→ Exercise objective
Only one stretch of the data below is needed. Output the lines from the one with "#41=FACE_OUTER_BOUND('',#40,.T.);" up to and including the one with "#53=DIRECTION('',(0.,1.,0.));", exactly as they stand.

Data entries:
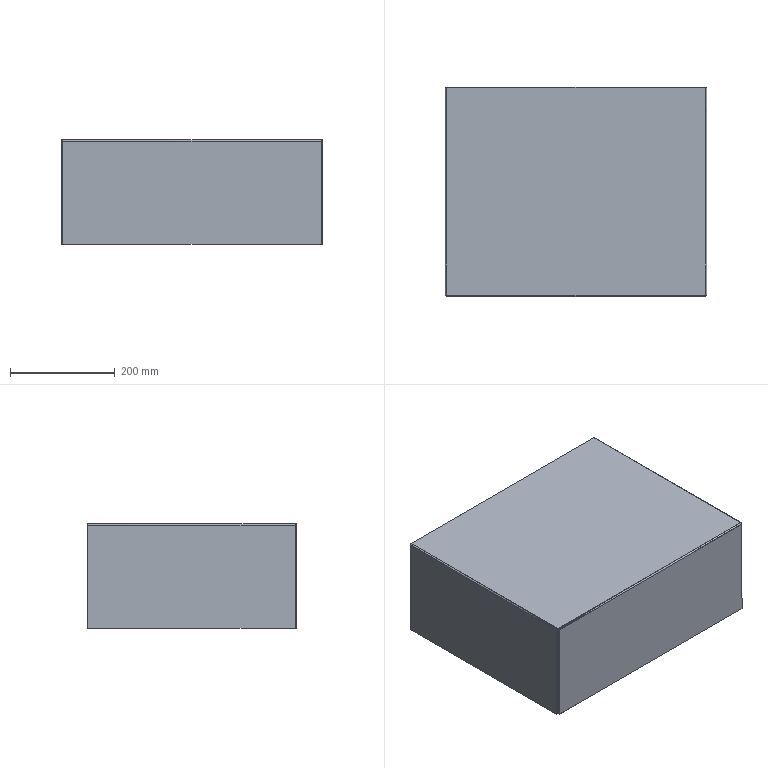Component | SolidWorks | Guard-1 | 1 solid | 30 faces | box 500 x 400 x 200 mm | volume 908561 mm3 | plane 20 | cylinder 6 | spline 4 | commonest cylinder face diameters 5.473 x3 1.473 x3
STEP:
#1=COLOUR_RGB('',0.7922,0.8196,0.9333);
#2=FILL_AREA_STYLE_COLOUR('',#1);
#3=FILL_AREA_STYLE('',(#2));
#4=SURFACE_STYLE_FILL_AREA(#3);
#5=SURFACE_SIDE_STYLE('',(#4));
#6=SURFACE_STYLE_USAGE(.BOTH.,#5);
#7=PRESENTATION_STYLE_ASSIGNMENT((#6));
#8=CARTESIAN_POINT('',(10.744,-9.76,24.528));
#9=VERTEX_POINT('',#8);
#10=CARTESIAN_POINT('',(-8.726,-9.76,24.528));
#11=VERTEX_POINT('',#10);
#12=CARTESIAN_POINT('',(-8.833,-9.76,24.528));
#13=DIRECTION('',(-1.,0.,0.));
#14=VECTOR('',#13,39.37);
#15=LINE('',#12,#14);
#16=EDGE_CURVE('',#9,#11,#15,.T.);
#17=ORIENTED_EDGE('',*,*,#16,.F.);
#18=CARTESIAN_POINT('',(10.744,-25.4,24.528));
#19=VERTEX_POINT('',#18);
#20=CARTESIAN_POINT('',(10.744,-25.401,24.528));
#21=DIRECTION('',(0.,1.,0.));
#22=VECTOR('',#21,39.37);
#23=LINE('',#20,#22);
#24=EDGE_CURVE('',#19,#9,#23,.T.);
#25=ORIENTED_EDGE('',*,*,#24,.F.);
#26=CARTESIAN_POINT('',(-8.726,-25.4,24.528));
#27=VERTEX_POINT('',#26);
#28=CARTESIAN_POINT('',(-8.727,-25.4,24.528));
#29=DIRECTION('',(1.,0.,0.));
#30=VECTOR('',#29,39.37);
#31=LINE('',#28,#30);
#32=EDGE_CURVE('',#27,#19,#31,.T.);
#33=ORIENTED_EDGE('',*,*,#32,.F.);
#34=CARTESIAN_POINT('',(-8.726,-9.76,24.528));
#35=DIRECTION('',(0.,-1.,0.));
#36=VECTOR('',#35,39.37);
#37=LINE('',#34,#36);
#38=EDGE_CURVE('',#11,#27,#37,.T.);
#39=ORIENTED_EDGE('',*,*,#38,.F.);
#40=EDGE_LOOP('',(#17,#25,#33,#39));
#41=FACE_OUTER_BOUND('',#40,.T.);
#42=CARTESIAN_POINT('',(1.009,-17.634,24.528));
#43=DIRECTION('',(0.,0.,-1.));
#44=DIRECTION('',(-1.,0.,0.));
#45=AXIS2_PLACEMENT_3D('',#42,#43,#44);
#46=PLANE('',#45);
#47=ADVANCED_FACE('',(#41),#46,.T.);
#48=CARTESIAN_POINT('',(10.744,-25.4,24.606));
#49=VERTEX_POINT('',#48);
#50=CARTESIAN_POINT('',(10.744,-9.76,24.606));
#51=VERTEX_POINT('',#50);
#52=CARTESIAN_POINT('',(10.744,-25.401,24.606));
#53=DIRECTION('',(0.,1.,0.));
#54=VECTOR('',#53,39.37);
#55=LINE('',#52,#54);
#56=EDGE_CURVE('',#49,#51,#55,.T.);
#57=ORIENTED_EDGE('',*,*,#56,.T.);
#58=CARTESIAN_POINT('',(-8.726,-9.76,24.606));
#59=VERTEX_POINT('',#58);
#60=CARTESIAN_POINT('',(-8.833,-9.76,24.606));
#61=DIRECTION('',(-1.,0.,0.));
#62=VECTOR('',#61,39.37);
#63=LINE('',#60,#62);
#64=EDGE_CURVE('',#51,#59,#63,.T.);
#65=ORIENTED_EDGE('',*,*,#64,.T.);
#66=CARTESIAN_POINT('',(-8.726,-25.4,24.606));
#67=VERTEX_POINT('',#66);
#68=CARTESIAN_POINT('',(-8.726,-9.76,24.606));
#69=DIRECTION('',(0.,-1.,0.));
#70=VECTOR('',#69,39.37);
#71=LINE('',#68,#70);
#72=EDGE_CURVE('',#59,#67,#71,.T.);
#73=ORIENTED_EDGE('',*,*,#72,.T.);
#74=CARTESIAN_POINT('',(-8.727,-25.4,24.606));
#75=DIRECTION('',(1.,0.,0.));
#76=VECTOR('',#75,39.37);
#77=LINE('',#74,#76);
#78=EDGE_CURVE('',#67,#49,#77,.T.);
#79=ORIENTED_EDGE('',*,*,#78,.T.);
#80=EDGE_LOOP('',(#57,#65,#73,#79));
#81=FACE_OUTER_BOUND('',#80,.T.);
#82=CARTESIAN_POINT('',(1.009,-17.634,24.606));
#83=DIRECTION('',(0.,0.,-1.));
#84=DIRECTION('',(-1.,0.,0.));
#85=AXIS2_PLACEMENT_3D('',#82,#83,#84);
#86=PLANE('',#85);
#87=ADVANCED_FACE('',(#81),#86,.F.);
#88=CARTESIAN_POINT('',(10.744,-9.76,24.528));
#89=DIRECTION('',(0.,0.,1.));
#90=VECTOR('',#89,39.37);
#91=LINE('',#88,#90);
#92=EDGE_CURVE('',#9,#51,#91,.T.);
#93=ORIENTED_EDGE('',*,*,#92,.F.);
#94=ORIENTED_EDGE('',*,*,#16,.T.);
#95=CARTESIAN_POINT('',(-8.726,-9.76,24.528));
#96=DIRECTION('',(0.,0.,1.));
#97=VECTOR('',#96,39.37);
#98=LINE('',#95,#97);
#99=EDGE_CURVE('',#11,#59,#98,.T.);
#100=ORIENTED_EDGE('',*,*,#99,.T.);
#101=ORIENTED_EDGE('',*,*,#64,.F.);
#102=EDGE_LOOP('',(#93,#94,#100,#101));
#103=FACE_OUTER_BOUND('',#102,.T.);
#104=CARTESIAN_POINT('',(-8.833,-9.76,24.528));
#105=DIRECTION('',(0.,1.,0.));
#106=DIRECTION('',(0.,0.,1.));
#107=AXIS2_PLACEMENT_3D('',#104,#105,#106);
#108=PLANE('',#107);
#109=ADVANCED_FACE('',(#103),#108,.T.);
#110=CARTESIAN_POINT('',(-8.833,-25.401,24.499));
#111=VERTEX_POINT('',#110);
#112=CARTESIAN_POINT('',(-8.755,-25.401,24.499));
#113=VERTEX_POINT('',#112);
#114=CARTESIAN_POINT('',(-8.755,-25.401,24.499));
#115=DIRECTION('',(1.,0.,-0.));
#116=VECTOR('',#115,39.37);
#117=LINE('',#114,#116);
#118=EDGE_CURVE('',#111,#113,#117,.T.);
#119=ORIENTED_EDGE('',*,*,#118,.T.);
#120=CARTESIAN_POINT('',(-8.726,-25.4,24.528));
#121=CARTESIAN_POINT('',(-8.733,-25.4,24.528));
#122=CARTESIAN_POINT('',(-8.741,-25.401,24.524));
#123=CARTESIAN_POINT('',(-8.752,-25.401,24.514));
#124=CARTESIAN_POINT('',(-8.755,-25.401,24.506));
#125=CARTESIAN_POINT('',(-8.755,-25.401,24.499));
#126=B_SPLINE_CURVE_WITH_KNOTS('',3,(#120,#121,#122,#123,#124,#125),.UNSPECIFIED.,.F.,.F.,(4,2,4),(0.,0.5,1.),.UNSPECIFIED.);
#127=EDGE_CURVE('',#27,#113,#126,.T.);
#128=ORIENTED_EDGE('',*,*,#127,.F.);
#129=CARTESIAN_POINT('',(-8.726,-25.4,24.528));
#130=DIRECTION('',(0.,0.,1.));
#131=VECTOR('',#130,39.37);
#132=LINE('',#129,#131);
#133=EDGE_CURVE('',#27,#67,#132,.T.);
#134=ORIENTED_EDGE('',*,*,#133,.T.);
#135=CARTESIAN_POINT('',(-8.726,-25.4,24.606));
#136=CARTESIAN_POINT('',(-8.74,-25.4,24.606));
#137=CARTESIAN_POINT('',(-8.754,-25.4,24.603));
#138=CARTESIAN_POINT('',(-8.78,-25.401,24.593));
#139=CARTESIAN_POINT('',(-8.792,-25.401,24.585));
#140=CARTESIAN_POINT('',(-8.812,-25.401,24.565));
#141=CARTESIAN_POINT('',(-8.82,-25.401,24.553));
#142=CARTESIAN_POINT('',(-8.831,-25.401,24.527));
#143=CARTESIAN_POINT('',(-8.833,-25.401,24.513));
#144=CARTESIAN_POINT('',(-8.833,-25.401,24.499));
#145=B_SPLINE_CURVE_WITH_KNOTS('',3,(#135,#136,#137,#138,#139,#140,#141,#142,#143,#144),.UNSPECIFIED.,.F.,.F.,(4,2,2,2,4),(0.,0.25,0.5,0.75,1.),.UNSPECIFIED.);
#146=EDGE_CURVE('',#67,#111,#145,.T.);
#147=ORIENTED_EDGE('',*,*,#146,.T.);
#148=EDGE_LOOP('',(#119,#128,#134,#147));
#149=FACE_OUTER_BOUND('',#148,.T.);
#150=CARTESIAN_POINT('',(-8.726,-25.4,24.607));
#151=CARTESIAN_POINT('',(-8.74,-25.4,24.607));
#152=CARTESIAN_POINT('',(-8.754,-25.4,24.604));
#153=CARTESIAN_POINT('',(-8.78,-25.401,24.593));
#154=CARTESIAN_POINT('',(-8.792,-25.401,24.585));
#155=CARTESIAN_POINT('',(-8.813,-25.401,24.565));
#156=CARTESIAN_POINT('',(-8.821,-25.401,24.553));
#157=CARTESIAN_POINT('',(-8.831,-25.401,24.527));
#158=CARTESIAN_POINT('',(-8.834,-25.401,24.513));
#159=CARTESIAN_POINT('',(-8.834,-25.401,24.499));
#160=CARTESIAN_POINT('',(-8.726,-25.4,24.606));
#161=CARTESIAN_POINT('',(-8.74,-25.4,24.606));
#162=CARTESIAN_POINT('',(-8.754,-25.4,24.603));
#163=CARTESIAN_POINT('',(-8.78,-25.401,24.593));
#164=CARTESIAN_POINT('',(-8.792,-25.401,24.585));
#165=CARTESIAN_POINT('',(-8.812,-25.401,24.565));
#166=CARTESIAN_POINT('',(-8.82,-25.401,24.553));
#167=CARTESIAN_POINT('',(-8.831,-25.401,24.527));
#168=CARTESIAN_POINT('',(-8.833,-25.401,24.513));
#169=CARTESIAN_POINT('',(-8.833,-25.401,24.499));
#170=CARTESIAN_POINT('',(-8.726,-25.4,24.528));
#171=CARTESIAN_POINT('',(-8.73,-25.4,24.528));
#172=CARTESIAN_POINT('',(-8.733,-25.4,24.527));
#173=CARTESIAN_POINT('',(-8.74,-25.401,24.524));
#174=CARTESIAN_POINT('',(-8.744,-25.401,24.522));
#175=CARTESIAN_POINT('',(-8.749,-25.401,24.516));
#176=CARTESIAN_POINT('',(-8.751,-25.401,24.513));
#177=CARTESIAN_POINT('',(-8.754,-25.401,24.506));
#178=CARTESIAN_POINT('',(-8.755,-25.401,24.502));
#179=CARTESIAN_POINT('',(-8.755,-25.401,24.499));
#180=CARTESIAN_POINT('',(-8.726,-25.4,24.527));
#181=CARTESIAN_POINT('',(-8.729,-25.4,24.527));
#182=CARTESIAN_POINT('',(-8.733,-25.4,24.526));
#183=CARTESIAN_POINT('',(-8.74,-25.401,24.523));
#184=CARTESIAN_POINT('',(-8.743,-25.401,24.521));
#185=CARTESIAN_POINT('',(-8.748,-25.401,24.516));
#186=CARTESIAN_POINT('',(-8.75,-25.401,24.513));
#187=CARTESIAN_POINT('',(-8.753,-25.401,24.506));
#188=CARTESIAN_POINT('',(-8.754,-25.401,24.502));
#189=CARTESIAN_POINT('',(-8.754,-25.401,24.499));
#190=B_SPLINE_SURFACE_WITH_KNOTS('',1,3,((#150,#151,#152,#153,#154,#155,#156,#157,#158,#159),(#160,#161,#162,#163,#164,#165,#166,#167,#168,#169),(#170,#171,#172,#173,#174,#175,#176,#177,#178,#179),(#180,#181,#182,#183,#184,#185,#186,#187,#188,#189)),.UNSPECIFIED.,.F.,.F.,.F.,(2,1,1,2),(4,2,2,2,4),(-0.01,0.,1.,1.01),(0.,0.25,0.5,0.75,1.),.UNSPECIFIED.);
#191=ADVANCED_FACE('',(#149),#190,.F.);
#192=CARTESIAN_POINT('',(-8.755,-9.76,24.499));
#193=VERTEX_POINT('',#192);
#194=CARTESIAN_POINT('',(-8.726,-9.76,24.499));
#195=DIRECTION('',(0.,1.,0.));
#196=DIRECTION('',(0.,0.,1.));
#197=AXIS2_PLACEMENT_3D('',#194,#195,#196);
#198=CIRCLE('',#197,0.029);
#199=EDGE_CURVE('',#193,#11,#198,.T.);
#200=ORIENTED_EDGE('',*,*,#199,.F.);
#201=CARTESIAN_POINT('',(-8.833,-9.76,24.499));
#202=VERTEX_POINT('',#201);
#203=CARTESIAN_POINT('',(-8.755,-9.76,24.499));
#204=DIRECTION('',(-1.,0.,0.));
#205=VECTOR('',#204,39.37);
#206=LINE('',#203,#205);
#207=EDGE_CURVE('',#193,#202,#206,.T.);
#208=ORIENTED_EDGE('',*,*,#207,.T.);
#209=CARTESIAN_POINT('',(-8.726,-9.76,24.499));
#210=DIRECTION('',(0.,1.,0.));
#211=DIRECTION('',(0.,0.,1.));
#212=AXIS2_PLACEMENT_3D('',#209,#210,#211);
#213=CIRCLE('',#212,0.1077);
#214=EDGE_CURVE('',#202,#59,#213,.T.);
#215=ORIENTED_EDGE('',*,*,#214,.T.);
#216=ORIENTED_EDGE('',*,*,#99,.F.);
#217=EDGE_LOOP('',(#200,#208,#215,#216));
#218=FACE_OUTER_BOUND('',#217,.T.);
#219=CARTESIAN_POINT('',(-8.726,-9.76,24.499));
#220=DIRECTION('',(0.,-1.,0.));
#221=DIRECTION('',(0.,0.,-1.));
#222=AXIS2_PLACEMENT_3D('',#219,#220,#221);
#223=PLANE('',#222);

→ Answer section
#41=FACE_OUTER_BOUND('',#40,.T.);
#42=CARTESIAN_POINT('',(1.009,-17.634,24.528));
#43=DIRECTION('',(0.,0.,-1.));
#44=DIRECTION('',(-1.,0.,0.));
#45=AXIS2_PLACEMENT_3D('',#42,#43,#44);
#46=PLANE('',#45);
#47=ADVANCED_FACE('',(#41),#46,.T.);
#48=CARTESIAN_POINT('',(10.744,-25.4,24.606));
#49=VERTEX_POINT('',#48);
#50=CARTESIAN_POINT('',(10.744,-9.76,24.606));
#51=VERTEX_POINT('',#50);
#52=CARTESIAN_POINT('',(10.744,-25.401,24.606));
#53=DIRECTION('',(0.,1.,0.));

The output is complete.